**Brief:** Each line containing the string "PARTITIONING" should be copied out of the entries.

[Data section Boundary: Start]

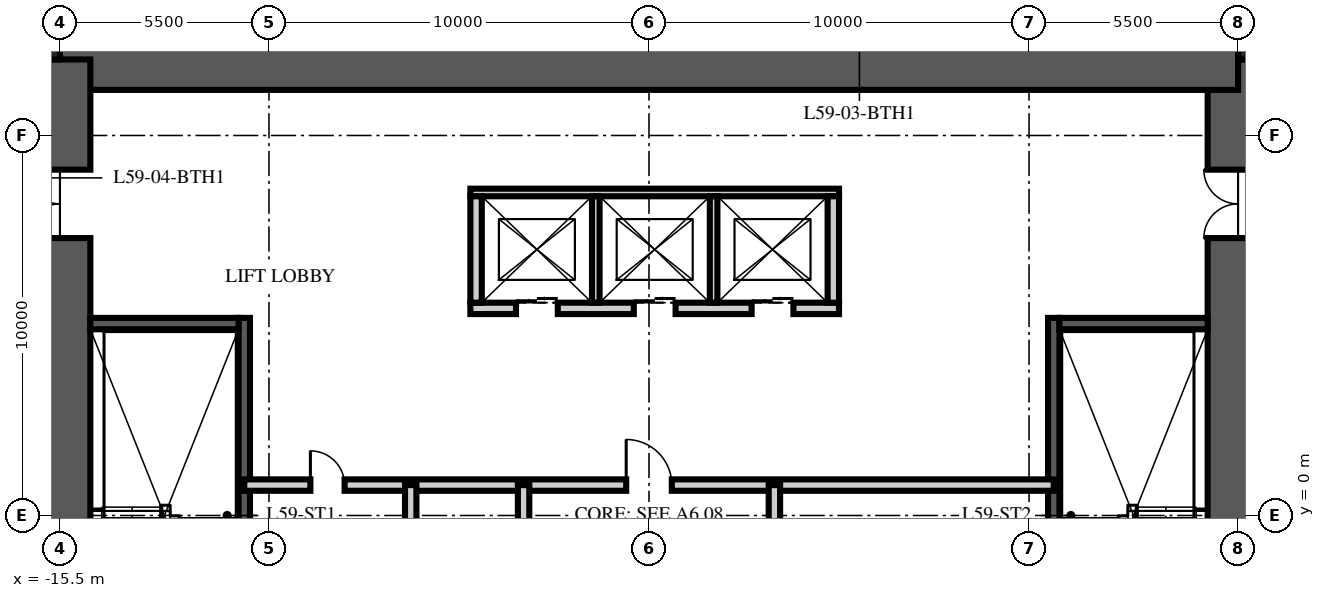
"""IFC4 building model, lengths in metres.
Left out: names, types, materials, properties, quantities, classifications, styles, units other than length and angle.
Written with IfcOpenShell. Run it as: python <this file> out.ifc"""

import sys

from ifc_helpers import new_model, si_unit, direction, frame, frame_2d, origin, origin_2d, place, context, subcontext, project, spatial, rectangle, extrude, element, fill, save


model = new_model("IFC4")
c1 = context("Model", 3, precision=1e-05, world=origin(), true_north=direction((0.0, 1.0)))
c2 = subcontext(c1, "Body", "Model", "MODEL_VIEW")
j1 = project(units=[si_unit("LENGTHUNIT", "METRE"), si_unit("PLANEANGLEUNIT", "RADIAN")], contexts=[c1])
p1 = place(None, origin())
s1 = spatial("IfcSite", under=j1, at=p1, CompositionType="ELEMENT")
p2 = place(p1, origin())
s2 = spatial("IfcBuilding", under=s1, at=p2, CompositionType="ELEMENT")
p3 = place(p2, frame((0.0, 0.0, 237.0)))
s3 = spatial("IfcBuildingStorey", under=s2, at=p3, CompositionType="ELEMENT", Elevation=237.0)
p4 = place(p3, frame((15.5, -12.0, -0.25), z_axis=(0.0, 0.0, 1.0), x_axis=(0.0, 1.0, 0.0)))
e1 = element("IfcWall", 1, at=p4, inside=s3, PredefinedType="SHEAR", context=c2, shape_type="SweptSolid", body=[
    extrude(rectangle(XDim=24.0, YDim=1.6, at=frame_2d((12.0, 0.0))), origin(), (0.0, 0.0, 1.0), 3.75),
])
p5 = place(p4, frame((3.2, 0.0, 0.25)))
e2 = element("IfcOpeningElement", 2, at=p5, cuts=e1, PredefinedType="OPENING", context=c2, shape_type="SweptSolid", body=[
    extrude(rectangle(XDim=1.2, YDim=2.1, at=frame_2d((0.6, 1.05))), frame((0.0, 0.81, 0.0), z_axis=(0.0, -1.0, 0.0), x_axis=(1.0, 0.0, 0.0)), (0.0, 0.0, 1.0), 1.62),
])
p6 = place(p4, frame((19.3, 0.0, 0.25)))
e3 = element("IfcOpeningElement", 3, at=p6, cuts=e1, PredefinedType="OPENING", context=c2, shape_type="SweptSolid", body=[
    extrude(rectangle(XDim=1.8, YDim=2.1, at=frame_2d((0.9, 1.05))), frame((0.0, 0.81, 0.0), z_axis=(0.0, -1.0, 0.0), x_axis=(1.0, 0.0, 0.0)), (0.0, 0.0, 1.0), 1.62),
])
p7 = place(p3, frame((-15.5, 12.0, -0.25), z_axis=(0.0, 0.0, 1.0), x_axis=(1.0, 0.0, 0.0)))
e4 = element("IfcWall", 4, at=p7, inside=s3, PredefinedType="SHEAR", context=c2, shape_type="SweptSolid", body=[
    extrude(rectangle(XDim=31.0, YDim=1.6, at=frame_2d((15.5, 0.0))), origin(), (0.0, 0.0, 1.0), 3.75),
])
p8 = place(p3, frame((-15.5, -12.0, -0.25), z_axis=(0.0, 0.0, 1.0), x_axis=(0.0, 1.0, 0.0)))
e5 = element("IfcWall", 5, at=p8, inside=s3, PredefinedType="SHEAR", context=c2, shape_type="SweptSolid", body=[
    extrude(rectangle(XDim=24.0, YDim=1.6, at=frame_2d((12.0, 0.0))), origin(), (0.0, 0.0, 1.0), 3.75),
])
p9 = place(p8, frame((3.2, 0.0, 0.25)))
e6 = element("IfcOpeningElement", 6, at=p9, cuts=e5, PredefinedType="OPENING", context=c2, shape_type="SweptSolid", body=[
    extrude(rectangle(XDim=1.2, YDim=2.1, at=frame_2d((0.6, 1.05))), frame((0.0, 0.81, 0.0), z_axis=(0.0, -1.0, 0.0), x_axis=(1.0, 0.0, 0.0)), (0.0, 0.0, 1.0), 1.62),
])
p10 = place(p8, frame((19.3, 0.0, 0.25)))
e7 = element("IfcOpeningElement", 7, at=p10, cuts=e5, PredefinedType="OPENING", context=c2, shape_type="SweptSolid", body=[
    extrude(rectangle(XDim=1.8, YDim=2.1, at=frame_2d((0.9, 1.05))), frame((0.0, 0.81, 0.0), z_axis=(0.0, -1.0, 0.0), x_axis=(1.0, 0.0, 0.0)), (0.0, 0.0, 1.0), 1.62),
])
for number, where, z_axis, x_axis in (
    (8, (15.9, 12.4, -0.25), (0.0, 0.0, 1.0), (1.0, 0.0, 0.0)),
    (9, (-15.9, 12.4, -0.25), (0.0, 0.0, 1.0), (1.0, 0.0, 0.0)),
):
    element("IfcColumn", number, at=place(p3, frame(where, z_axis=z_axis, x_axis=x_axis)), inside=s3, PredefinedType="COLUMN", context=c2, shape_type="SweptSolid", body=[
        extrude(rectangle(XDim=0.8, YDim=0.8, at=origin_2d()), origin(), (0.0, 0.0, 1.0), 3.75),
    ])
p11 = place(p3, frame((-10.65, -4.9, 0.0), z_axis=(0.0, 0.0, 1.0), x_axis=(0.0, 1.0, 0.0)))
e10 = element("IfcWall", 10, at=p11, inside=s3, PredefinedType="SOLIDWALL", context=c2, shape_type="SweptSolid", body=[
    extrude(rectangle(XDim=10.1, YDim=0.3, at=frame_2d((5.05, 0.0))), origin(), (0.0, 0.0, 1.0), 3.5),
])
p12 = place(p3, frame((-14.7, 5.05, 0.0), z_axis=(0.0, 0.0, 1.0), x_axis=(1.0, 0.0, 0.0)))
e11 = element("IfcWall", 11, at=p12, inside=s3, PredefinedType="SOLIDWALL", context=c2, shape_type="SweptSolid", body=[
    extrude(rectangle(XDim=3.9, YDim=0.3, at=frame_2d((1.95, 0.0))), origin(), (0.0, 0.0, 1.0), 3.5),
])
p13 = place(p3, frame((10.65, -4.9, 0.0), z_axis=(0.0, 0.0, 1.0), x_axis=(0.0, 1.0, 0.0)))
e12 = element("IfcWall", 12, at=p13, inside=s3, PredefinedType="SOLIDWALL", context=c2, shape_type="SweptSolid", body=[
    extrude(rectangle(XDim=10.1, YDim=0.3, at=frame_2d((5.05, 0.0))), origin(), (0.0, 0.0, 1.0), 3.5),
])
p14 = place(p3, frame((14.7, 5.05, 0.0), z_axis=(0.0, 0.0, 1.0), x_axis=(-1.0, 0.0, 0.0)))
e13 = element("IfcWall", 13, at=p14, inside=s3, PredefinedType="SOLIDWALL", context=c2, shape_type="SweptSolid", body=[
    extrude(rectangle(XDim=3.9, YDim=0.3, at=frame_2d((1.95, 0.0))), origin(), (0.0, 0.0, 1.0), 3.5),
])
p15 = place(p3, frame((-4.7, 5.45, 0.0), z_axis=(0.0, 0.0, 1.0), x_axis=(1.0, 0.0, 0.0)))
e14 = element("IfcWall", 14, at=p15, inside=s3, PredefinedType="PARTITIONING", context=c2, shape_type="SweptSolid", body=[
    extrude(rectangle(XDim=9.7, YDim=0.3, at=frame_2d((4.85, 0.0))), origin(), (0.0, 0.0, 1.0), 3.5),
])
p16 = place(p15, frame((1.2, 0.0, 0.0)))
e15 = element("IfcOpeningElement", 15, at=p16, cuts=e14, PredefinedType="OPENING", context=c2, shape_type="SweptSolid", body=[
    extrude(rectangle(XDim=1.1, YDim=2.1, at=frame_2d((0.55, 1.05))), frame((0.0, 0.16, 0.0), z_axis=(0.0, -1.0, 0.0), x_axis=(1.0, 0.0, 0.0)), (0.0, 0.0, 1.0), 0.32),
])
p17 = place(p15, frame((4.3, 0.0, 0.0)))
e16 = element("IfcOpeningElement", 16, at=p17, cuts=e14, PredefinedType="OPENING", context=c2, shape_type="SweptSolid", body=[
    extrude(rectangle(XDim=1.1, YDim=2.1, at=frame_2d((0.55, 1.05))), frame((0.0, 0.16, 0.0), z_axis=(0.0, -1.0, 0.0), x_axis=(1.0, 0.0, 0.0)), (0.0, 0.0, 1.0), 0.32),
])
p18 = place(p15, frame((7.4, 0.0, 0.0)))
e17 = element("IfcOpeningElement", 17, at=p18, cuts=e14, PredefinedType="OPENING", context=c2, shape_type="SweptSolid", body=[
    extrude(rectangle(XDim=1.1, YDim=2.1, at=frame_2d((0.55, 1.05))), frame((0.0, 0.16, 0.0), z_axis=(0.0, -1.0, 0.0), x_axis=(1.0, 0.0, 0.0)), (0.0, 0.0, 1.0), 0.32),
])
p19 = place(p3, frame((-4.7, 8.5, 0.0), z_axis=(0.0, 0.0, 1.0), x_axis=(1.0, 0.0, 0.0)))
e18 = element("IfcWall", 18, at=p19, inside=s3, PredefinedType="PARTITIONING", context=c2, shape_type="SweptSolid", body=[
    extrude(rectangle(XDim=9.7, YDim=0.2, at=frame_2d((4.85, 0.0))), origin(), (0.0, 0.0, 1.0), 3.5),
])
for number, where, z_axis, x_axis in (
    (19, (-4.55, 5.6, 0.0), (0.0, 0.0, 1.0), (0.0, 1.0, 0.0)),
    (20, (4.85, 5.6, 0.0), (0.0, 0.0, 1.0), (0.0, 1.0, 0.0)),
):
    element("IfcWall", number, at=place(p3, frame(where, z_axis=z_axis, x_axis=x_axis)), inside=s3, PredefinedType="PARTITIONING", context=c2, shape_type="SweptSolid", body=[
        extrude(rectangle(XDim=2.8, YDim=0.3, at=frame_2d((1.4, 0.0))), origin(), (0.0, 0.0, 1.0), 3.5),
    ])
for number, where, z_axis, x_axis in (
    (21, (-1.4, 5.6, 0.0), (0.0, 0.0, 1.0), (0.0, 1.0, 0.0)),
    (22, (1.7, 5.6, 0.0), (0.0, 0.0, 1.0), (0.0, 1.0, 0.0)),
):
    element("IfcWall", number, at=place(p3, frame(where, z_axis=z_axis, x_axis=x_axis)), inside=s3, PredefinedType="PARTITIONING", context=c2, shape_type="SweptSolid", body=[
        extrude(rectangle(XDim=2.8, YDim=0.2, at=frame_2d((1.4, 0.0))), origin(), (0.0, 0.0, 1.0), 3.5),
    ])
p20 = place(p3, frame((-10.65, 0.8, 0.0), z_axis=(0.0, 0.0, 1.0), x_axis=(1.0, 0.0, 0.0)))
e23 = element("IfcWall", 23, at=p20, inside=s3, PredefinedType="PARTITIONING", context=c2, shape_type="SweptSolid", body=[
    extrude(rectangle(XDim=21.3, YDim=0.3, at=frame_2d((10.65, 0.0))), origin(), (0.0, 0.0, 1.0), 3.5),
])
p21 = place(p20, frame((10.05, 0.0, 0.0)))
e24 = element("IfcOpeningElement", 24, at=p21, cuts=e23, PredefinedType="OPENING", context=c2, shape_type="SweptSolid", body=[
    extrude(rectangle(XDim=1.2, YDim=2.1, at=frame_2d((0.6, 1.05))), frame((0.0, 0.16, 0.0), z_axis=(0.0, -1.0, 0.0), x_axis=(1.0, 0.0, 0.0)), (0.0, 0.0, 1.0), 0.32),
])
p22 = place(p20, frame((1.74, 0.0, 0.0)))
e25 = element("IfcOpeningElement", 25, at=p22, cuts=e23, PredefinedType="OPENING", context=c2, shape_type="SweptSolid", body=[
    extrude(rectangle(XDim=0.9, YDim=2.1, at=frame_2d((0.45, 1.05))), frame((0.0, 0.16, 0.0), z_axis=(0.0, -1.0, 0.0), x_axis=(1.0, 0.0, 0.0)), (0.0, 0.0, 1.0), 0.32),
])
p23 = place(p3, frame((-3.3, -6.65, 0.0), z_axis=(0.0, 0.0, 1.0), x_axis=(0.0, 1.0, 0.0)))
e26 = element("IfcWall", 26, at=p23, inside=s3, PredefinedType="PARTITIONING", context=c2, shape_type="SweptSolid", body=[
    extrude(rectangle(XDim=7.45, YDim=0.3, at=frame_2d((3.725, 0.0))), origin(), (0.0, 0.0, 1.0), 3.5),
])
p24 = place(p23, frame((3.275, 0.0, 0.0)))
e27 = element("IfcOpeningElement", 27, at=p24, cuts=e26, PredefinedType="OPENING", context=c2, shape_type="SweptSolid", body=[
    extrude(rectangle(XDim=0.9, YDim=2.1, at=frame_2d((0.45, 1.05))), frame((0.0, 0.16, 0.0), z_axis=(0.0, -1.0, 0.0), x_axis=(1.0, 0.0, 0.0)), (0.0, 0.0, 1.0), 0.32),
])
p25 = place(p3, frame((3.3, -6.65, 0.0), z_axis=(0.0, 0.0, 1.0), x_axis=(0.0, 1.0, 0.0)))
e28 = element("IfcWall", 28, at=p25, inside=s3, PredefinedType="PARTITIONING", context=c2, shape_type="SweptSolid", body=[
    extrude(rectangle(XDim=7.45, YDim=0.3, at=frame_2d((3.725, 0.0))), origin(), (0.0, 0.0, 1.0), 3.5),
])
p26 = place(p25, frame((1.231, 0.0, 0.0)))
e29 = element("IfcOpeningElement", 29, at=p26, cuts=e28, PredefinedType="OPENING", context=c2, shape_type="SweptSolid", body=[
    extrude(rectangle(XDim=0.9, YDim=2.1, at=frame_2d((0.45, 1.05))), frame((0.0, 0.16, 0.0), z_axis=(0.0, -1.0, 0.0), x_axis=(1.0, 0.0, 0.0)), (0.0, 0.0, 1.0), 0.32),
])
p27 = place(p25, frame((4.956, 0.0, 0.0)))
e30 = element("IfcOpeningElement", 30, at=p27, cuts=e28, PredefinedType="OPENING", context=c2, shape_type="SweptSolid", body=[
    extrude(rectangle(XDim=0.9, YDim=2.1, at=frame_2d((0.45, 1.05))), frame((0.0, 0.16, 0.0), z_axis=(0.0, -1.0, 0.0), x_axis=(1.0, 0.0, 0.0)), (0.0, 0.0, 1.0), 0.32),
])
p28 = place(p3, frame((-6.27, -6.65, 0.0), z_axis=(0.0, 0.0, 1.0), x_axis=(0.0, 1.0, 0.0)))
e31 = element("IfcWall", 31, at=p28, inside=s3, PredefinedType="PARTITIONING", context=c2, shape_type="SweptSolid", body=[
    extrude(rectangle(XDim=7.45, YDim=0.3, at=frame_2d((3.725, 0.0))), origin(), (0.0, 0.0, 1.0), 3.5),
])
p29 = place(p10, origin())
e32 = element("IfcDoor", 32, at=p29, inside=s3, OperationType="DOUBLE_DOOR_SINGLE_SWING", PredefinedType="DOOR", context=c2, shape_type="SweptSolid", body=[
    extrude(rectangle(XDim=1.8, YDim=2.1, at=frame_2d((0.9, 1.05))), frame((0.0, 0.025, 0.0), z_axis=(0.0, -1.0, 0.0), x_axis=(1.0, 0.0, 0.0)), (0.0, 0.0, 1.0), 0.05),
])
fill(e7, e32)
p30 = place(p6, origin())
e33 = element("IfcDoor", 33, at=p30, inside=s3, OperationType="DOUBLE_DOOR_SINGLE_SWING", PredefinedType="DOOR", context=c2, shape_type="SweptSolid", body=[
    extrude(rectangle(XDim=1.8, YDim=2.1, at=frame_2d((0.9, 1.05))), frame((0.0, 0.025, 0.0), z_axis=(0.0, -1.0, 0.0), x_axis=(1.0, 0.0, 0.0)), (0.0, 0.0, 1.0), 0.05),
])
fill(e3, e33)
p31 = place(p16, origin())
e34 = element("IfcDoor", 34, at=p31, inside=s3, OperationType="DOUBLE_DOOR_SLIDING", PredefinedType="DOOR", context=c2, shape_type="SweptSolid", body=[
    extrude(rectangle(XDim=1.1, YDim=2.1, at=frame_2d((0.55, 1.05))), frame((0.0, 0.025, 0.0), z_axis=(0.0, -1.0, 0.0), x_axis=(1.0, 0.0, 0.0)), (0.0, 0.0, 1.0), 0.05),
])
fill(e15, e34)
p32 = place(p17, origin())
e35 = element("IfcDoor", 35, at=p32, inside=s3, OperationType="DOUBLE_DOOR_SLIDING", PredefinedType="DOOR", context=c2, shape_type="SweptSolid", body=[
    extrude(rectangle(XDim=1.1, YDim=2.1, at=frame_2d((0.55, 1.05))), frame((0.0, 0.025, 0.0), z_axis=(0.0, -1.0, 0.0), x_axis=(1.0, 0.0, 0.0)), (0.0, 0.0, 1.0), 0.05),
])
fill(e16, e35)
p33 = place(p18, origin())
e36 = element("IfcDoor", 36, at=p33, inside=s3, OperationType="DOUBLE_DOOR_SLIDING", PredefinedType="DOOR", context=c2, shape_type="SweptSolid", body=[
    extrude(rectangle(XDim=1.1, YDim=2.1, at=frame_2d((0.55, 1.05))), frame((0.0, 0.025, 0.0), z_axis=(0.0, -1.0, 0.0), x_axis=(1.0, 0.0, 0.0)), (0.0, 0.0, 1.0), 0.05),
])
fill(e17, e36)
p34 = place(p21, origin())
e37 = element("IfcDoor", 37, at=p34, inside=s3, OperationType="SINGLE_SWING_LEFT", PredefinedType="DOOR", context=c2, shape_type="SweptSolid", body=[
    extrude(rectangle(XDim=1.2, YDim=2.1, at=frame_2d((0.6, 1.05))), frame((0.0, 0.025, 0.0), z_axis=(0.0, -1.0, 0.0), x_axis=(1.0, 0.0, 0.0)), (0.0, 0.0, 1.0), 0.05),
])
fill(e24, e37)
p35 = place(p22, origin())
e38 = element("IfcDoor", 38, at=p35, inside=s3, OperationType="SINGLE_SWING_LEFT", PredefinedType="DOOR", context=c2, shape_type="SweptSolid", body=[
    extrude(rectangle(XDim=0.9, YDim=2.1, at=frame_2d((0.45, 1.05))), frame((0.0, 0.025, 0.0), z_axis=(0.0, -1.0, 0.0), x_axis=(1.0, 0.0, 0.0)), (0.0, 0.0, 1.0), 0.05),
])
fill(e25, e38)
save(model, sys.argv[1])

[Data section Boundary: End]

**Answer below:**
e14 = element("IfcWall", 14, at=p15, inside=s3, PredefinedType="PARTITIONING", context=c2, shape_type="SweptSolid", body=[
e18 = element("IfcWall", 18, at=p19, inside=s3, PredefinedType="PARTITIONING", context=c2, shape_type="SweptSolid", body=[
    element("IfcWall", number, at=place(p3, frame(where, z_axis=z_axis, x_axis=x_axis)), inside=s3, PredefinedType="PARTITIONING", context=c2, shape_type="SweptSolid", body=[
    element("IfcWall", number, at=place(p3, frame(where, z_axis=z_axis, x_axis=x_axis)), inside=s3, PredefinedType="PARTITIONING", context=c2, shape_type="SweptSolid", body=[
e23 = element("IfcWall", 23, at=p20, inside=s3, PredefinedType="PARTITIONING", context=c2, shape_type="SweptSolid", body=[
e26 = element("IfcWall", 26, at=p23, inside=s3, PredefinedType="PARTITIONING", context=c2, shape_type="SweptSolid", body=[
e28 = element("IfcWall", 28, at=p25, inside=s3, PredefinedType="PARTITIONING", context=c2, shape_type="SweptSolid", body=[
e31 = element("IfcWall", 31, at=p28, inside=s3, PredefinedType="PARTITIONING", context=c2, shape_type="SweptSolid", body=[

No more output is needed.